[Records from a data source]

----

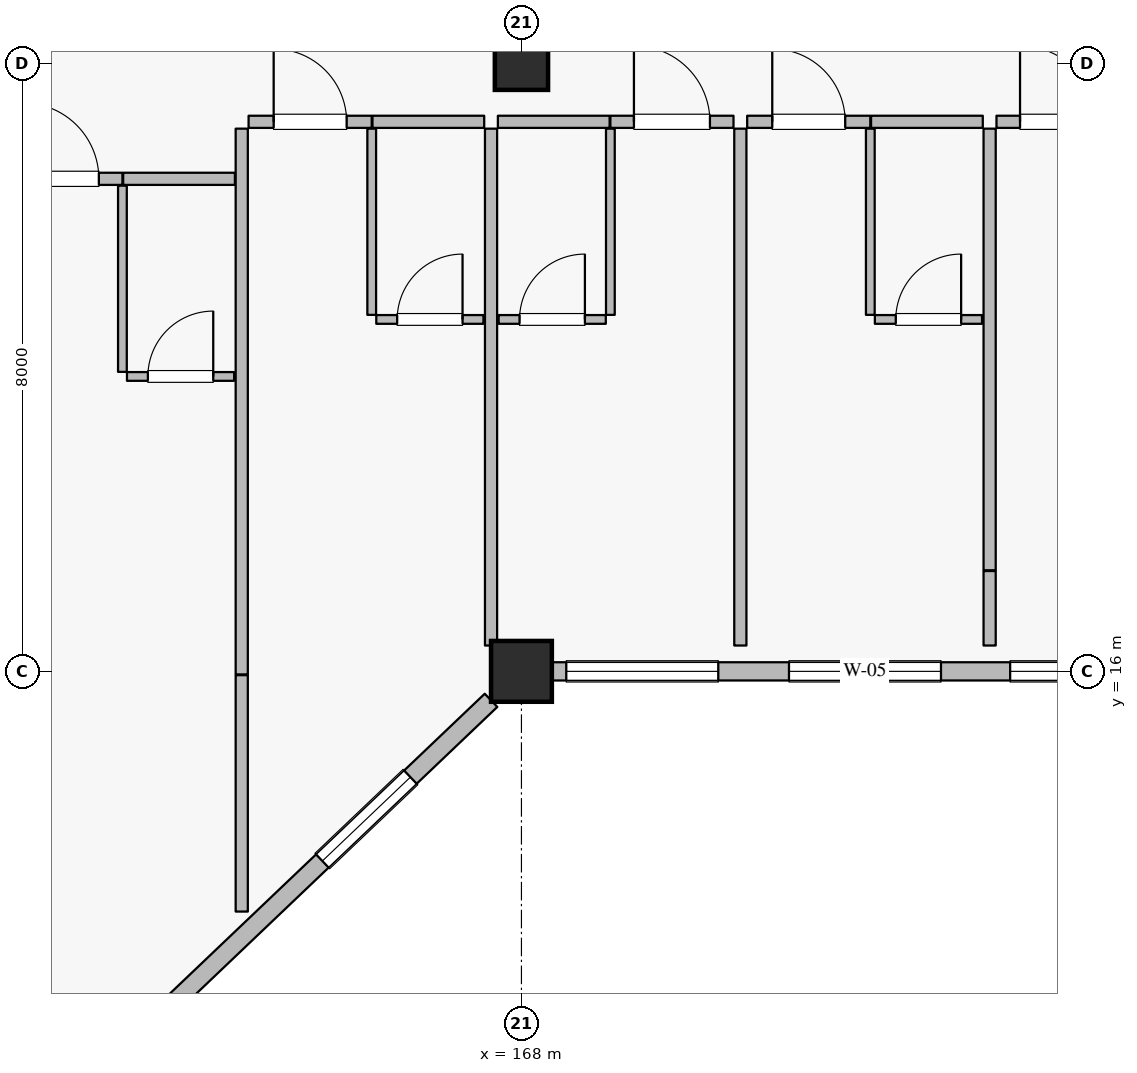
"""IFC4 building model, lengths in metres.
Left out: names, types, materials, properties, quantities, classifications, styles, units other than length and angle.
Written with IfcOpenShell. Run it as: python <this file> out.ifc"""

import sys

from ifc_helpers import new_model, si_unit, direction, frame, frame_2d, origin, origin_2d, place, context, subcontext, project, spatial, rectangle, extrude, element, fill, save


model = new_model("IFC4")
c1 = context("Model", 3, precision=1e-05, world=origin(), true_north=direction((0.0, 1.0)))
c2 = subcontext(c1, "Body", "Model", "MODEL_VIEW")
j1 = project(units=[si_unit("LENGTHUNIT", "METRE"), si_unit("PLANEANGLEUNIT", "RADIAN")], contexts=[c1])
p1 = place(None, origin())
s1 = spatial("IfcSite", under=j1, at=p1, CompositionType="ELEMENT")
p2 = place(p1, origin())
s2 = spatial("IfcBuilding", under=s1, at=p2, CompositionType="ELEMENT")
p3 = place(p2, frame((0.0, 0.0, 16.2)))
s3 = spatial("IfcBuildingStorey", under=s2, at=p3, CompositionType="ELEMENT", Elevation=16.2)
p4 = place(p3, frame((168.0, 16.0, 0.0), z_axis=(0.0, 0.0, 1.0), x_axis=(1.0, 0.0, 0.0)))
e1 = element("IfcColumn", 1, at=p4, inside=s3, PredefinedType="COLUMN", context=c2, shape_type="SweptSolid", body=[
    extrude(rectangle(XDim=0.8, YDim=0.8, at=origin_2d()), origin(), (0.0, 0.0, 1.0), 4.8),
])
p5 = place(p3, frame((168.0, 24.0, 0.0), z_axis=(0.0, 0.0, 1.0), x_axis=(1.0, 0.0, 0.0)))
e2 = element("IfcColumn", 2, at=p5, inside=s3, PredefinedType="COLUMN", context=c2, shape_type="SweptSolid", body=[
    extrude(rectangle(XDim=0.7, YDim=0.7, at=origin_2d()), origin(), (0.0, 0.0, 1.0), 4.8),
])
p6 = place(p3, frame((167.6, 15.619, 0.0), z_axis=(0.0, 0.0, 1.0), x_axis=(-0.724156739794, -0.689635422677, 0.0)))
e3 = element("IfcWall", 3, at=p6, inside=s3, PredefinedType="SOLIDWALL", context=c2, shape_type="SweptSolid", body=[
    extrude(rectangle(XDim=10.495, YDim=0.24, at=frame_2d((5.248, 0.0))), origin(), (0.0, 0.0, 1.0), 4.13),
])
p7 = place(p6, frame((1.465, 0.0, 0.8)))
e4 = element("IfcOpeningElement", 4, at=p7, cuts=e3, PredefinedType="OPENING", context=c2, shape_type="SweptSolid", body=[
    extrude(rectangle(XDim=1.6, YDim=1.6, at=frame_2d((0.8, 0.8))), frame((0.0, 0.13, 0.0), z_axis=(0.0, -1.0, 0.0), x_axis=(1.0, 0.0, 0.0)), (0.0, 0.0, 1.0), 0.26),
])
p8 = place(p6, frame((5.994, 0.0, 0.8)))
e5 = element("IfcOpeningElement", 5, at=p8, cuts=e3, PredefinedType="OPENING", context=c2, shape_type="SweptSolid", body=[
    extrude(rectangle(XDim=1.6, YDim=1.6, at=frame_2d((0.8, 0.8))), frame((0.0, 0.13, 0.0), z_axis=(0.0, -1.0, 0.0), x_axis=(1.0, 0.0, 0.0)), (0.0, 0.0, 1.0), 0.26),
])
p9 = place(p3, frame((176.0, 16.0, 0.0), z_axis=(0.0, 0.0, 1.0), x_axis=(-1.0, 0.0, 0.0)))
e6 = element("IfcWall", 6, at=p9, inside=s3, PredefinedType="SOLIDWALL", context=c2, shape_type="SweptSolid", body=[
    extrude(rectangle(XDim=7.6, YDim=0.24, at=frame_2d((3.8, 0.0))), origin(), (0.0, 0.0, 1.0), 4.13),
])
p10 = place(p9, frame((0.17, 0.0, 0.8)))
e7 = element("IfcOpeningElement", 7, at=p10, cuts=e6, PredefinedType="OPENING", context=c2, shape_type="SweptSolid", body=[
    extrude(rectangle(XDim=1.4, YDim=1.6, at=frame_2d((0.7, 0.8))), frame((0.0, 0.13, 0.0), z_axis=(0.0, -1.0, 0.0), x_axis=(1.0, 0.0, 0.0)), (0.0, 0.0, 1.0), 0.26),
])
p11 = place(p9, frame((2.48, 0.0, 0.8)))
e8 = element("IfcOpeningElement", 8, at=p11, cuts=e6, PredefinedType="OPENING", context=c2, shape_type="SweptSolid", body=[
    extrude(rectangle(XDim=2.0, YDim=1.75, at=frame_2d((1.0, 0.875))), frame((0.0, 0.13, 0.0), z_axis=(0.0, -1.0, 0.0), x_axis=(1.0, 0.0, 0.0)), (0.0, 0.0, 1.0), 0.26),
])
p12 = place(p9, frame((5.41, 0.0, 0.8)))
e9 = element("IfcOpeningElement", 9, at=p12, cuts=e6, PredefinedType="OPENING", context=c2, shape_type="SweptSolid", body=[
    extrude(rectangle(XDim=2.0, YDim=1.75, at=frame_2d((1.0, 0.875))), frame((0.0, 0.13, 0.0), z_axis=(0.0, -1.0, 0.0), x_axis=(1.0, 0.0, 0.0)), (0.0, 0.0, 1.0), 0.26),
])
p13 = place(p3, frame((161.13, 22.48, 0.0), z_axis=(0.0, 0.0, 1.0), x_axis=(1.0, 0.0, 0.0)))
e10 = element("IfcWall", 10, at=p13, inside=s3, PredefinedType="PARTITIONING", context=c2, shape_type="SweptSolid", body=[
    extrude(rectangle(XDim=1.62, YDim=0.16, at=frame_2d((0.81, 0.0))), origin(), (0.0, 0.0, 1.0), 4.535),
])
p14 = place(p13, frame((0.31, 0.0, 0.0)))
e11 = element("IfcOpeningElement", 11, at=p14, cuts=e10, PredefinedType="OPENING", context=c2, shape_type="SweptSolid", body=[
    extrude(rectangle(XDim=1.0, YDim=2.25, at=frame_2d((0.5, 1.125))), frame((0.0, 0.09, 0.0), z_axis=(0.0, -1.0, 0.0), x_axis=(1.0, 0.0, 0.0)), (0.0, 0.0, 1.0), 0.18),
])
p15 = place(p3, frame((162.76, 22.48, 0.0), z_axis=(0.0, 0.0, 1.0), x_axis=(1.0, 0.0, 0.0)))
e12 = element("IfcWall", 12, at=p15, inside=s3, PredefinedType="PARTITIONING", context=c2, shape_type="SweptSolid", body=[
    extrude(rectangle(XDim=1.47, YDim=0.16, at=frame_2d((0.735, 0.0))), origin(), (0.0, 0.0, 1.0), 4.535),
])
p16 = place(p3, frame((162.75, 19.94, 0.0), z_axis=(0.0, 0.0, 1.0), x_axis=(0.0, 1.0, 0.0)))
e13 = element("IfcWall", 13, at=p16, inside=s3, PredefinedType="PARTITIONING", context=c2, shape_type="SweptSolid", body=[
    extrude(rectangle(XDim=2.45, YDim=0.115, at=frame_2d((1.225, 0.0))), origin(), (0.0, 0.0, 1.0), 4.535),
])
p17 = place(p3, frame((162.81, 19.88, 0.0), z_axis=(0.0, 0.0, 1.0), x_axis=(1.0, 0.0, 0.0)))
e14 = element("IfcWall", 14, at=p17, inside=s3, PredefinedType="PARTITIONING", context=c2, shape_type="SweptSolid", body=[
    extrude(rectangle(XDim=1.41, YDim=0.115, at=frame_2d((0.705, 0.0))), origin(), (0.0, 0.0, 1.0), 4.535),
])
p18 = place(p17, frame((0.275, 0.0, 0.0)))
e15 = element("IfcOpeningElement", 15, at=p18, cuts=e14, PredefinedType="OPENING", context=c2, shape_type="SweptSolid", body=[
    extrude(rectangle(XDim=0.86, YDim=2.12, at=frame_2d((0.43, 1.06))), frame((0.0, 0.067, 0.0), z_axis=(0.0, -1.0, 0.0), x_axis=(1.0, 0.0, 0.0)), (0.0, 0.0, 1.0), 0.135),
])
p19 = place(p3, frame((164.32, 12.84, 0.0), z_axis=(0.0, 0.0, 1.0), x_axis=(0.0, 1.0, 0.0)))
e16 = element("IfcWall", 16, at=p19, inside=s3, PredefinedType="PARTITIONING", context=c2, shape_type="SweptSolid", body=[
    extrude(rectangle(XDim=3.11, YDim=0.16, at=frame_2d((1.555, 0.0))), origin(), (0.0, 0.0, 1.0), 4.535),
])
p20 = place(p3, frame((164.41, 23.23, 0.0), z_axis=(0.0, 0.0, 1.0), x_axis=(1.0, 0.0, 0.0)))
e17 = element("IfcWall", 17, at=p20, inside=s3, PredefinedType="PARTITIONING", context=c2, shape_type="SweptSolid", body=[
    extrude(rectangle(XDim=1.62, YDim=0.16, at=frame_2d((0.81, 0.0))), origin(), (0.0, 0.0, 1.0), 4.535),
])
p21 = place(p20, frame((0.33, 0.0, 0.0)))
e18 = element("IfcOpeningElement", 18, at=p21, cuts=e17, PredefinedType="OPENING", context=c2, shape_type="SweptSolid", body=[
    extrude(rectangle(XDim=0.96, YDim=2.2, at=frame_2d((0.48, 1.1))), frame((0.0, 0.09, 0.0), z_axis=(0.0, -1.0, 0.0), x_axis=(1.0, 0.0, 0.0)), (0.0, 0.0, 1.0), 0.18),
])
p22 = place(p3, frame((166.04, 23.23, 0.0), z_axis=(0.0, 0.0, 1.0), x_axis=(1.0, 0.0, 0.0)))
e19 = element("IfcWall", 19, at=p22, inside=s3, PredefinedType="PARTITIONING", context=c2, shape_type="SweptSolid", body=[
    extrude(rectangle(XDim=1.47, YDim=0.16, at=frame_2d((0.735, 0.0))), origin(), (0.0, 0.0, 1.0), 4.535),
])
p23 = place(p3, frame((166.03, 20.69, 0.0), z_axis=(0.0, 0.0, 1.0), x_axis=(0.0, 1.0, 0.0)))
e20 = element("IfcWall", 20, at=p23, inside=s3, PredefinedType="PARTITIONING", context=c2, shape_type="SweptSolid", body=[
    extrude(rectangle(XDim=2.45, YDim=0.115, at=frame_2d((1.225, 0.0))), origin(), (0.0, 0.0, 1.0), 4.535),
])
p24 = place(p3, frame((166.09, 20.63, 0.0), z_axis=(0.0, 0.0, 1.0), x_axis=(1.0, 0.0, 0.0)))
e21 = element("IfcWall", 21, at=p24, inside=s3, PredefinedType="PARTITIONING", context=c2, shape_type="SweptSolid", body=[
    extrude(rectangle(XDim=1.41, YDim=0.115, at=frame_2d((0.705, 0.0))), origin(), (0.0, 0.0, 1.0), 4.535),
])
p25 = place(p24, frame((0.275, 0.0, 0.0)))
e22 = element("IfcOpeningElement", 22, at=p25, cuts=e21, PredefinedType="OPENING", context=c2, shape_type="SweptSolid", body=[
    extrude(rectangle(XDim=0.86, YDim=2.12, at=frame_2d((0.43, 1.06))), frame((0.0, 0.067, 0.0), z_axis=(0.0, -1.0, 0.0), x_axis=(1.0, 0.0, 0.0)), (0.0, 0.0, 1.0), 0.135),
])
p26 = place(p3, frame((164.32, 15.96, 0.0), z_axis=(0.0, 0.0, 1.0), x_axis=(0.0, 1.0, 0.0)))
e23 = element("IfcWall", 23, at=p26, inside=s3, PredefinedType="PARTITIONING", context=c2, shape_type="SweptSolid", body=[
    extrude(rectangle(XDim=7.18, YDim=0.16, at=frame_2d((3.59, 0.0))), origin(), (0.0, 0.0, 1.0), 4.535),
])
p27 = place(p3, frame((167.69, 23.23, 0.0), z_axis=(0.0, 0.0, 1.0), x_axis=(1.0, 0.0, 0.0)))
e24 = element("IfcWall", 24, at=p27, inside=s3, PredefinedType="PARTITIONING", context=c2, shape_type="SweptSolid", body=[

----

» Task to carry out
Reply with nothing but the number of lines in the data above that contain "units".

» Exercise result
2